DIRECTIONS FOR THIS TASK -> The lines to return are those below that contain the word "align".

Segment Open

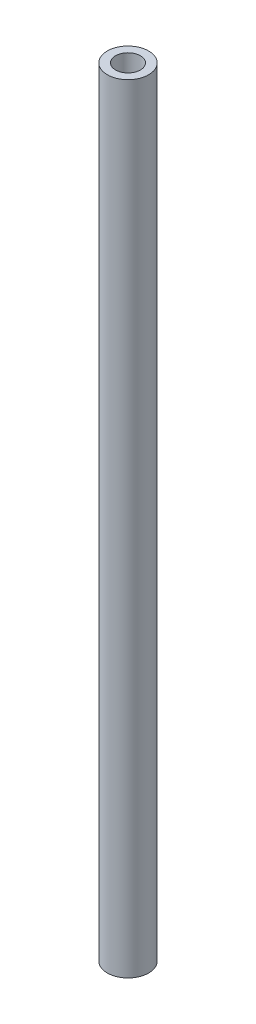
SolidWorks part; units mm, degrees
material "黄铜"
ref_plane "Front Plane" through (0, 0, 0) normal (0, 0, 1) x (1, 0, 0)
ref_plane "Top Plane" through (0, 0, 0) normal (0, 1, 0) x (1, 0, 0)
ref_plane "Right Plane" through (0, 0, 0) normal (1, 0, 0) x (0, 0, -1)
sketch "Sketch1" plane through (0, 0, 0) normal (0, 0, 1) x (1, 0, 0)
  line L0 (0, 23.6464) -> (0, 0) construction
  line L1 (-0.3, 18.84) -> (-0.3, 0)
  line L2 (-0.5, 18.84) -> (-0.3, 18.84)
  line L3 (-0.5, 0) -> (-0.3, 0)
  line L5 (-0.5, 18.84) -> (-0.5, 0)
  dimension "D1" = 0.2
  dimension "D3" = 1
revolve "Revolve2" add sketch "Sketch1" angle 360 about L0
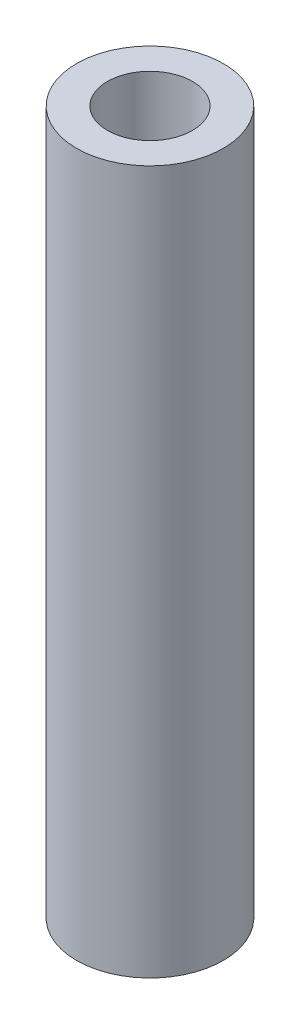
SolidWorks part; units mm, degrees
material "灰铸铁"
ref_plane "前视基准面" through (0, 0, 0) normal (0, 0, 1) x (1, 0, 0)
ref_plane "上视基准面" through (0, 0, 0) normal (0, 1, 0) x (1, 0, 0)
ref_plane "右视基准面" through (0, 0, 0) normal (1, 0, 0) x (0, 0, -1)
other "Configuration Table"
sketch "草图1" plane through (0, 0, 0) normal (0, 1, 0) x (1, 0, 0)
  circle A0 centre (0, 0) radius 9.5
  dimension "D1" = 19
extrude "凸台-拉伸1" add sketch "草图1" along normal blind 91
sketch "草图2" plane through (0, 91, 0) normal (0, 1, 0) x (1, 0, 0)
  circle A0 centre (0, 0) radius 5.5
  dimension "D1" = 11
extrude "切除-拉伸1" cut sketch "草图2" against normal blind 75
hole_wizard "M6 螺纹孔1" positions "草图4" profile "草图5" tap size "M6" standard "GB" end condition through all
sketch "草图4" plane through (0, 0, 0) normal (0, -1, 0) x (1, 0, 0)
  point P0 (0, 0)
sketch "草图5" plane through (0, 0, 0) normal (1, 0, 0) x (0, 0, -1)
  line L0 (0, 0) -> (0, 91)
  line L1 (0, 91) -> (2.5, 91)
  line L2 (2.5, 91) -> (2.5, 0)
  line L5 (2.5, 0) -> (0, 0)
  line L11 (0, -6.35) -> (0, 107.95) construction
  dimension "通孔螺纹孔钻头直径" = 5
  dimension "通孔螺纹孔钻头深度" = 91
cosmetic thread "孔螺纹线2" parameters "D1"=6, "D2"=6
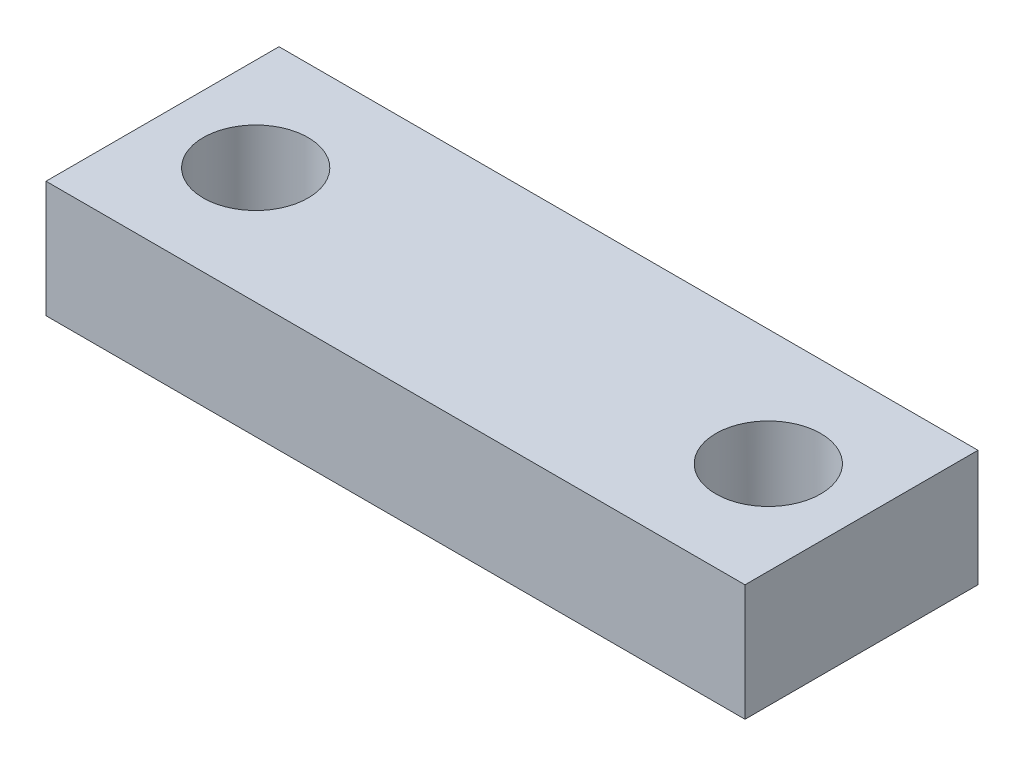
from build123d import *

# Parameters (mm, degrees)
SKETCH1_W           = 30
SKETCH1_H           = 10
BOSS_EXTRUDE1_DEPTH = 5
SKETCH2_R           = 2.25
CUT_EXTRUDE1_DEPTH  = 10


with BuildPart() as part:
    # Sketch1 → Boss-Extrude1 (new body)
    with BuildSketch(Plane(origin=(0, 0, 0), x_dir=(1, 0, 0), z_dir=(0, 1, 0))):
        Rectangle(SKETCH1_W, SKETCH1_H)
    extrude(amount=BOSS_EXTRUDE1_DEPTH)

    # Sketch2 → Cut-Extrude1 (cut)
    with BuildSketch(Plane(origin=(0, 5, 0), x_dir=(1, 0, 0), z_dir=(0, 1, 0))):
        with Locations(Location((-11, 0, 0), (0, 0, 270))):
            Circle(SKETCH2_R)
        with Locations(Location((11, 0, 0), (0, 0, 270))):
            Circle(SKETCH2_R)
    extrude(amount=-CUT_EXTRUDE1_DEPTH, mode=Mode.SUBTRACT)


solid = part.part
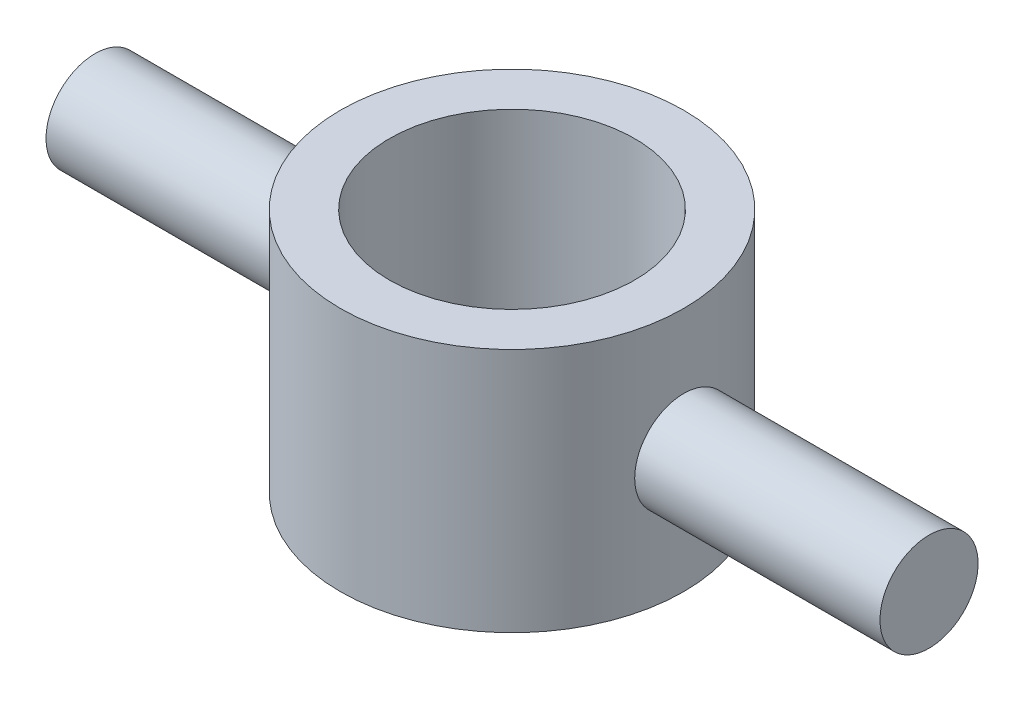
from build123d import *

# Parameters (mm, degrees)
SKETCH_2_R      = 7
SKETCH_2_R_2    = 5
EXTRUDE_1_DEPTH = 10
SKETCH_3_R      = 2
EXTRUDE_2_DEPTH = 10


with BuildPart() as part:
    # 草图2 → 凸台-拉伸1 (new body)
    with BuildSketch(Plane(origin=(0, 0, 0), x_dir=(1, 0, 0), z_dir=(0, 1, 0))):
        with Locations(Location((0, 0, 0), (0, 0, 270))):
            Circle(SKETCH_2_R)
        with Locations(Location((0, 0, 0), (0, 0, 270))):
            Circle(SKETCH_2_R_2, mode=Mode.SUBTRACT)
    extrude(amount=EXTRUDE_1_DEPTH)


with BuildPart() as body_2:
    # 草图3 → 凸台-拉伸2 (new body)
    with BuildSketch(Plane.ZY.offset(7)):
        with Locations((0, 5)):
            Circle(SKETCH_3_R)
    extrude(amount=EXTRUDE_2_DEPTH)


with BuildPart() as body_3:
    # 镜向3: mirrored copy
    add(body_2.part.mirror(Plane(origin=(0, 0, 0), x_dir=(0, 0, 1), z_dir=(1, 0, 0))))


solid = Compound([part.part, body_2.part, body_3.part])
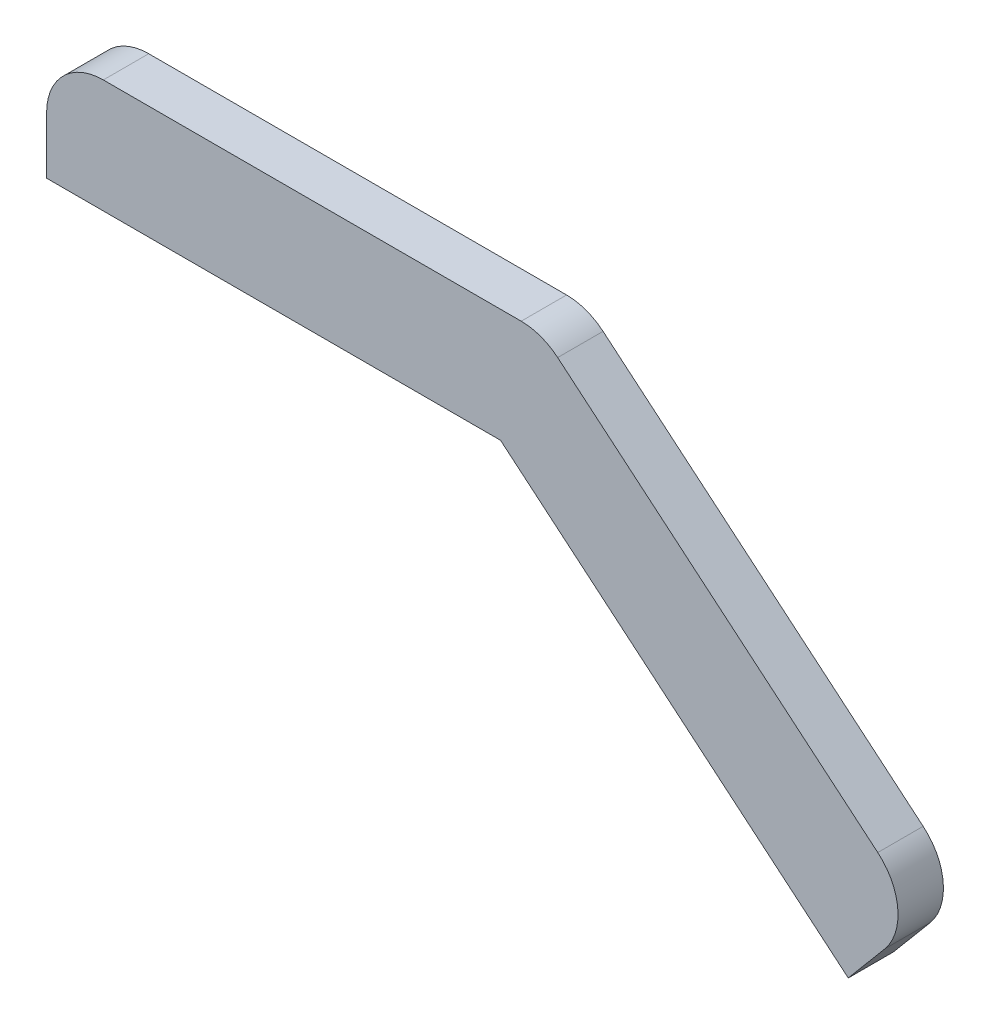
from build123d import *

# Parameters (mm, degrees)
BOSS_EXTRUDE1_DEPTH = 8
FILLET1_R           = 10


with BuildPart() as part:
    # Sketch1 → Boss-Extrude1 (new body)
    with BuildSketch(Plane.XY):
        Polygon((0, 0), (80, 0), (141.28355545, -51.423008775), (154.139307643, -36.102119913), (87.279404685, 20), (0, 20), align=None)
    extrude(amount=BOSS_EXTRUDE1_DEPTH)

    # Fillet1
    fillet1_edges = [part.edges().sort_by_distance(p)[0] for p in [
        (0, 20, 4),
        (87.279404685, 20, 4),
        (154.139307643, -36.102119913, 4),
    ]]
    fillet(fillet1_edges, radius=FILLET1_R)


solid = part.part
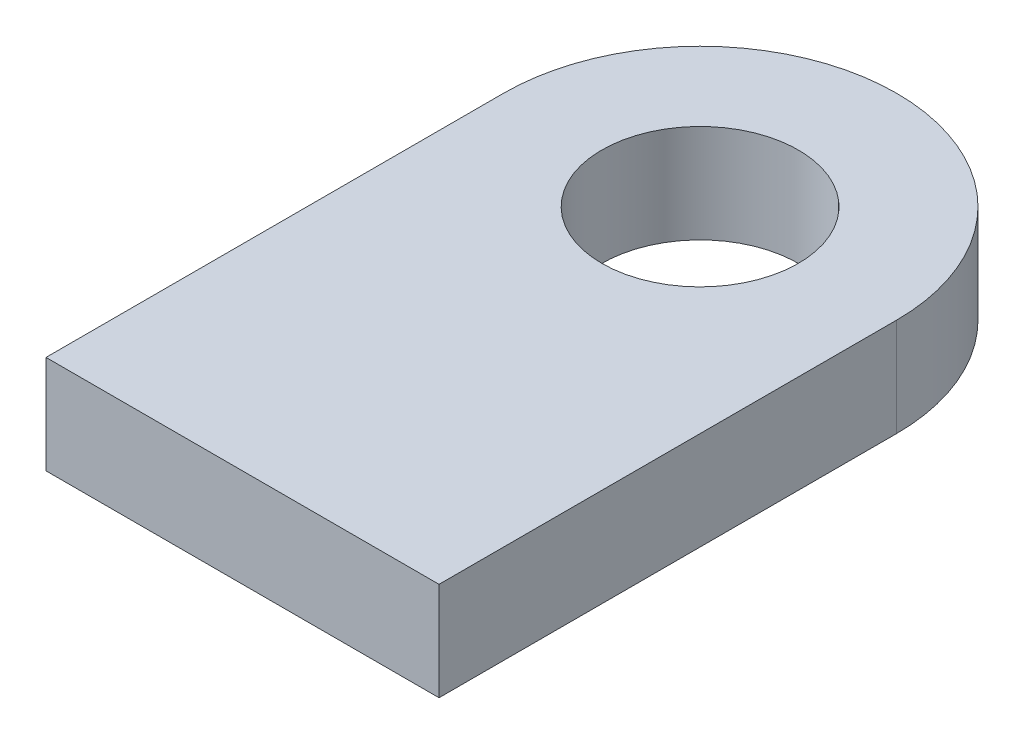
from build123d import *

# Parameters (mm, degrees)
SKETCH_1_R      = 10
EXTRUDE_1_DEPTH = 5


with BuildPart() as part:
    # 草图1 → 凸台-拉伸1 (new, symmetric)
    with BuildSketch(Plane(origin=(0, 0, 0), x_dir=(1, 0, 0), z_dir=(0, 1, 0))):
        with BuildLine():
            Line((-20, -23.285), (20, -23.285))
            Line((20, -23.285), (20, 23.285))
            ThreePointArc((20, 23.285), (0, 43.285), (-20, 23.285))
            Line((-20, 23.285), (-20, -23.285))
        make_face()
        with Locations(Location((0, 23.285, 0), (0, 0, 270))):
            Circle(SKETCH_1_R, mode=Mode.SUBTRACT)
    extrude(amount=EXTRUDE_1_DEPTH, both=True)


solid = part.part
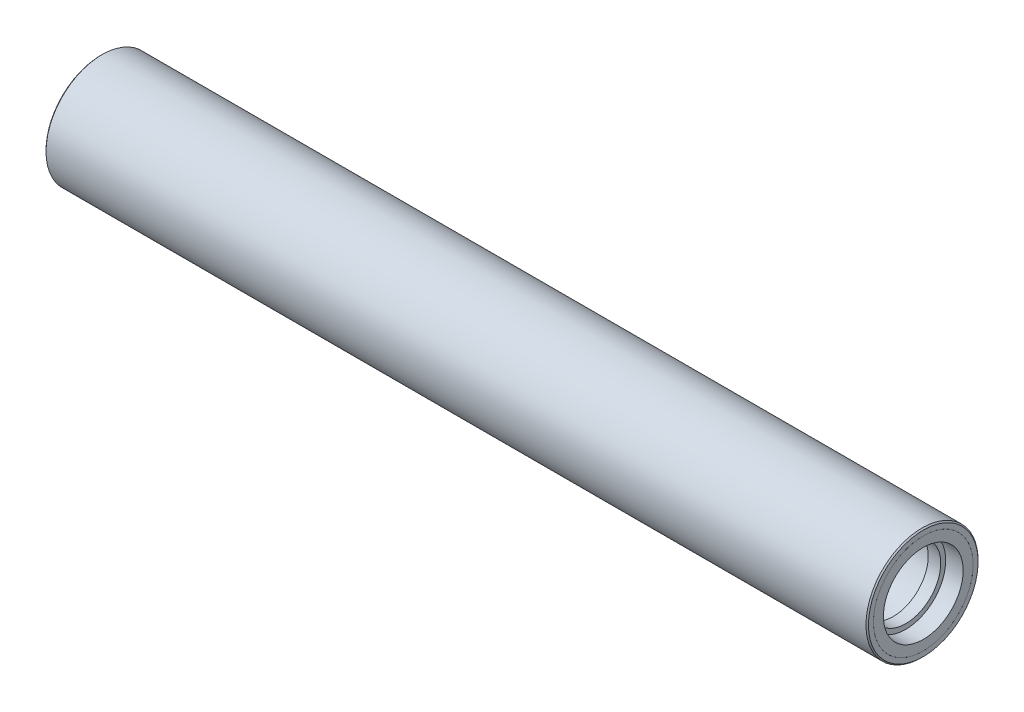
from build123d import *

# Parameters (mm, degrees)
CHAMFER1_SIZE       = 0.5
SKETCH2_R           = 20
SKETCH2_R_2         = 14
BOSS_EXTRUDE1_DEPTH = 12
SKETCH4_R           = 16
CUT_EXTRUDE1_DEPTH  = 7
SKETCH5_R           = 20
SKETCH5_R_2         = 14
BOSS_EXTRUDE2_DEPTH = 12
SKETCH7_R           = 16
CUT_EXTRUDE2_DEPTH  = 7


with BuildPart() as part:
    # Sketch1 → Revolve1 (revolve)
    with BuildSketch(Plane.XY, mode=Mode.PRIVATE) as revolve1_sk:
        Polygon((35.121064285, 17.5), (341.121064285, 17.5), (341.121064285, 20), (353.121064285, 20), (353.121064285, 22.5), (23.121064285, 22.5), (23.121064285, 20), (35.121064285, 20), align=None)
    revolve(revolve1_sk.sketch.rotate(Axis((0, 0, 0), (1, 0, 0)), 90), axis=Axis((0, 0, 0), (1, 0, 0)))

    # Chamfer1
    chamfer1_edges = [part.edges().sort_by_distance(p)[0] for p in [
        (353.121064285, 0, -22.5),
        (23.121064285, 0, -22.5),
    ]]
    chamfer(chamfer1_edges, length=CHAMFER1_SIZE)


with BuildPart() as body_2:
    # Sketch2 → Boss-Extrude1 (new body)
    with BuildSketch(Plane(origin=(341.121064285, 0, 0), x_dir=(0, 0, -1), z_dir=(1, 0, 0))):
        Circle(SKETCH2_R)
        Circle(SKETCH2_R_2, mode=Mode.SUBTRACT)
    extrude(amount=BOSS_EXTRUDE1_DEPTH)

    # Sketch4 → Cut-Extrude1 (cut)
    with BuildSketch(Plane(origin=(353.121064285, 0, 0), x_dir=(0, 0, -1), z_dir=(1, 0, 0))):
        Circle(SKETCH4_R)
    extrude(amount=-CUT_EXTRUDE1_DEPTH, mode=Mode.SUBTRACT)


with BuildPart() as body_3:
    # Sketch5 → Boss-Extrude2 (new body)
    with BuildSketch(Plane.ZY.offset(-35.121064285)):
        Circle(SKETCH5_R)
        Circle(SKETCH5_R_2, mode=Mode.SUBTRACT)
    extrude(amount=BOSS_EXTRUDE2_DEPTH)

    # Sketch7 → Cut-Extrude2 (cut)
    with BuildSketch(Plane.ZY.offset(-23.121064285)):
        Circle(SKETCH7_R)
    extrude(amount=-CUT_EXTRUDE2_DEPTH, mode=Mode.SUBTRACT)


solid = Compound([part.part, body_2.part, body_3.part])
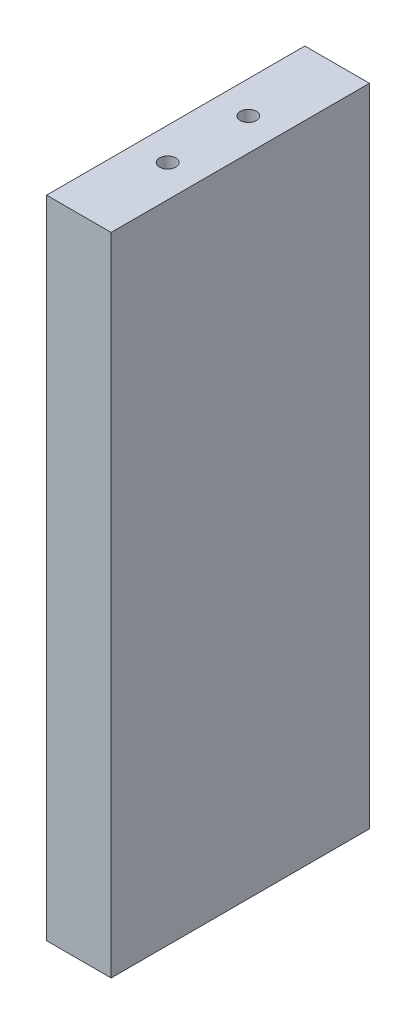
from build123d import *

# Parameters (mm, degrees)
SKETCH_1_W             = 80
SKETCH_1_H             = 200
EXTRUDE_1_DEPTH        = 20
HOLE_WIZARD_M6_1_D     = 5
HOLE_WIZARD_M6_1_DEPTH = 20
HOLE_WIZARD_M6_1_TIP   = 1.502151548
HOLE_WIZARD_M6_2_D     = 5
HOLE_WIZARD_M6_2_DEPTH = 23
HOLE_WIZARD_M6_2_TIP   = 1.502151548


with BuildPart() as part:
    # 草图1 → 凸台-拉伸1 (new body)
    with BuildSketch(Plane(origin=(0, 0, 0), x_dir=(0, 0, -1), z_dir=(1, 0, 0))):
        Rectangle(SKETCH_1_W, SKETCH_1_H)
    extrude(amount=EXTRUDE_1_DEPTH)

    # M6 螺纹孔1
    with Locations(Plane(origin=(0, 100, 0), x_dir=(1, 0, 0), z_dir=(0, 1, 0))):
        with Locations((10, 12.5), (10, -12.5)):
            Hole(HOLE_WIZARD_M6_1_D / 2, depth=HOLE_WIZARD_M6_1_DEPTH)
            with Locations((0, 0, -(HOLE_WIZARD_M6_1_DEPTH + HOLE_WIZARD_M6_1_TIP / 2))):  # 118° drill point
                Cone(0, HOLE_WIZARD_M6_1_D / 2, HOLE_WIZARD_M6_1_TIP, mode=Mode.SUBTRACT)

    # M6 螺纹孔2
    with Locations(Plane(origin=(0, -100, 0), x_dir=(-1, 0, 0), z_dir=(0, -1, 0))):
        with Locations((-10, 20), (-10, -20)):
            Hole(HOLE_WIZARD_M6_2_D / 2, depth=HOLE_WIZARD_M6_2_DEPTH)
            with Locations((0, 0, -(HOLE_WIZARD_M6_2_DEPTH + HOLE_WIZARD_M6_2_TIP / 2))):  # 118° drill point
                Cone(0, HOLE_WIZARD_M6_2_D / 2, HOLE_WIZARD_M6_2_TIP, mode=Mode.SUBTRACT)


solid = part.part
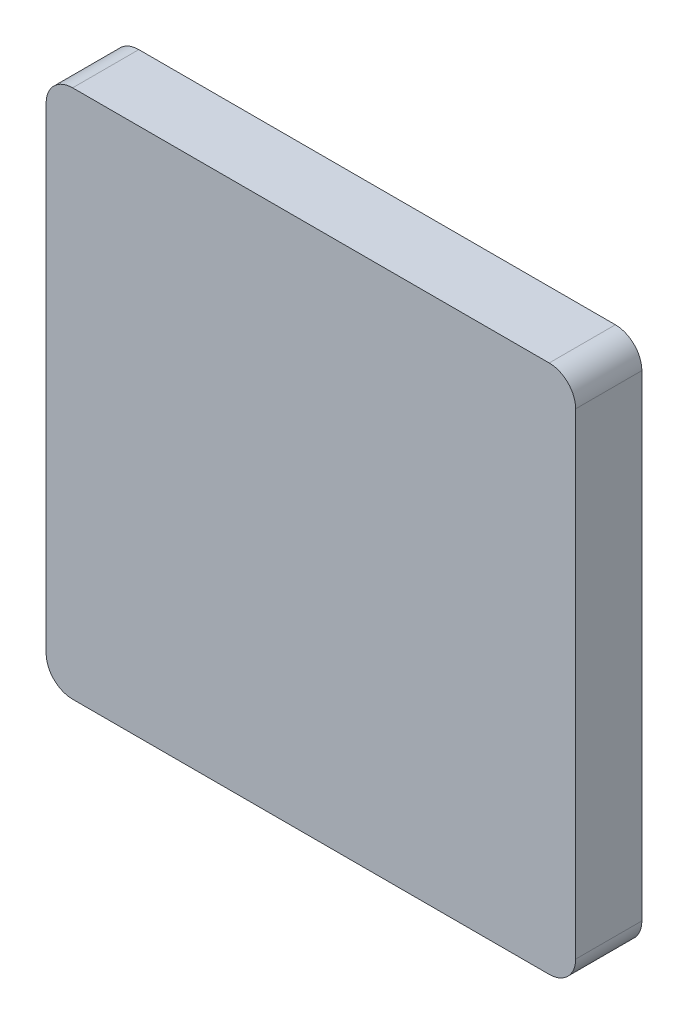
from build123d import *

# Parameters (mm, degrees)
BOSS_EXTRUDE1_DEPTH = 5


with BuildPart() as part:
    # Sketch1 → Boss-Extrude1 (new body)
    with BuildSketch(Plane.XY):
        with BuildLine():
            Line((2, 0), (38, 0))
            ThreePointArc((38, 0), (39.414213562, 0.585786438), (40, 2))
            Line((40, 2), (40, 38))
            ThreePointArc((40, 38), (39.414213562, 39.414213562), (38, 40))
            Line((38, 40), (2, 40))
            ThreePointArc((2, 40), (0.585786438, 39.414213562), (0, 38))
            Line((0, 38), (0, 2))
            ThreePointArc((0, 2), (0.585786438, 0.585786438), (2, 0))
        make_face()
    extrude(amount=BOSS_EXTRUDE1_DEPTH)


solid = part.part

Segment Closed

SOLUTION BELOW ->
        Polygon((0, 0), (80, 0), (141.28355545, -51.423008775), (154.139307643, -36.102119913), (87.279404685, 20), (0, 20), align=None)
        Polygon((35.121064285, 17.5), (341.121064285, 17.5), (341.121064285, 20), (353.121064285, 20), (353.121064285, 22.5), (23.121064285, 22.5), (23.121064285, 20), (35.121064285, 20), align=None)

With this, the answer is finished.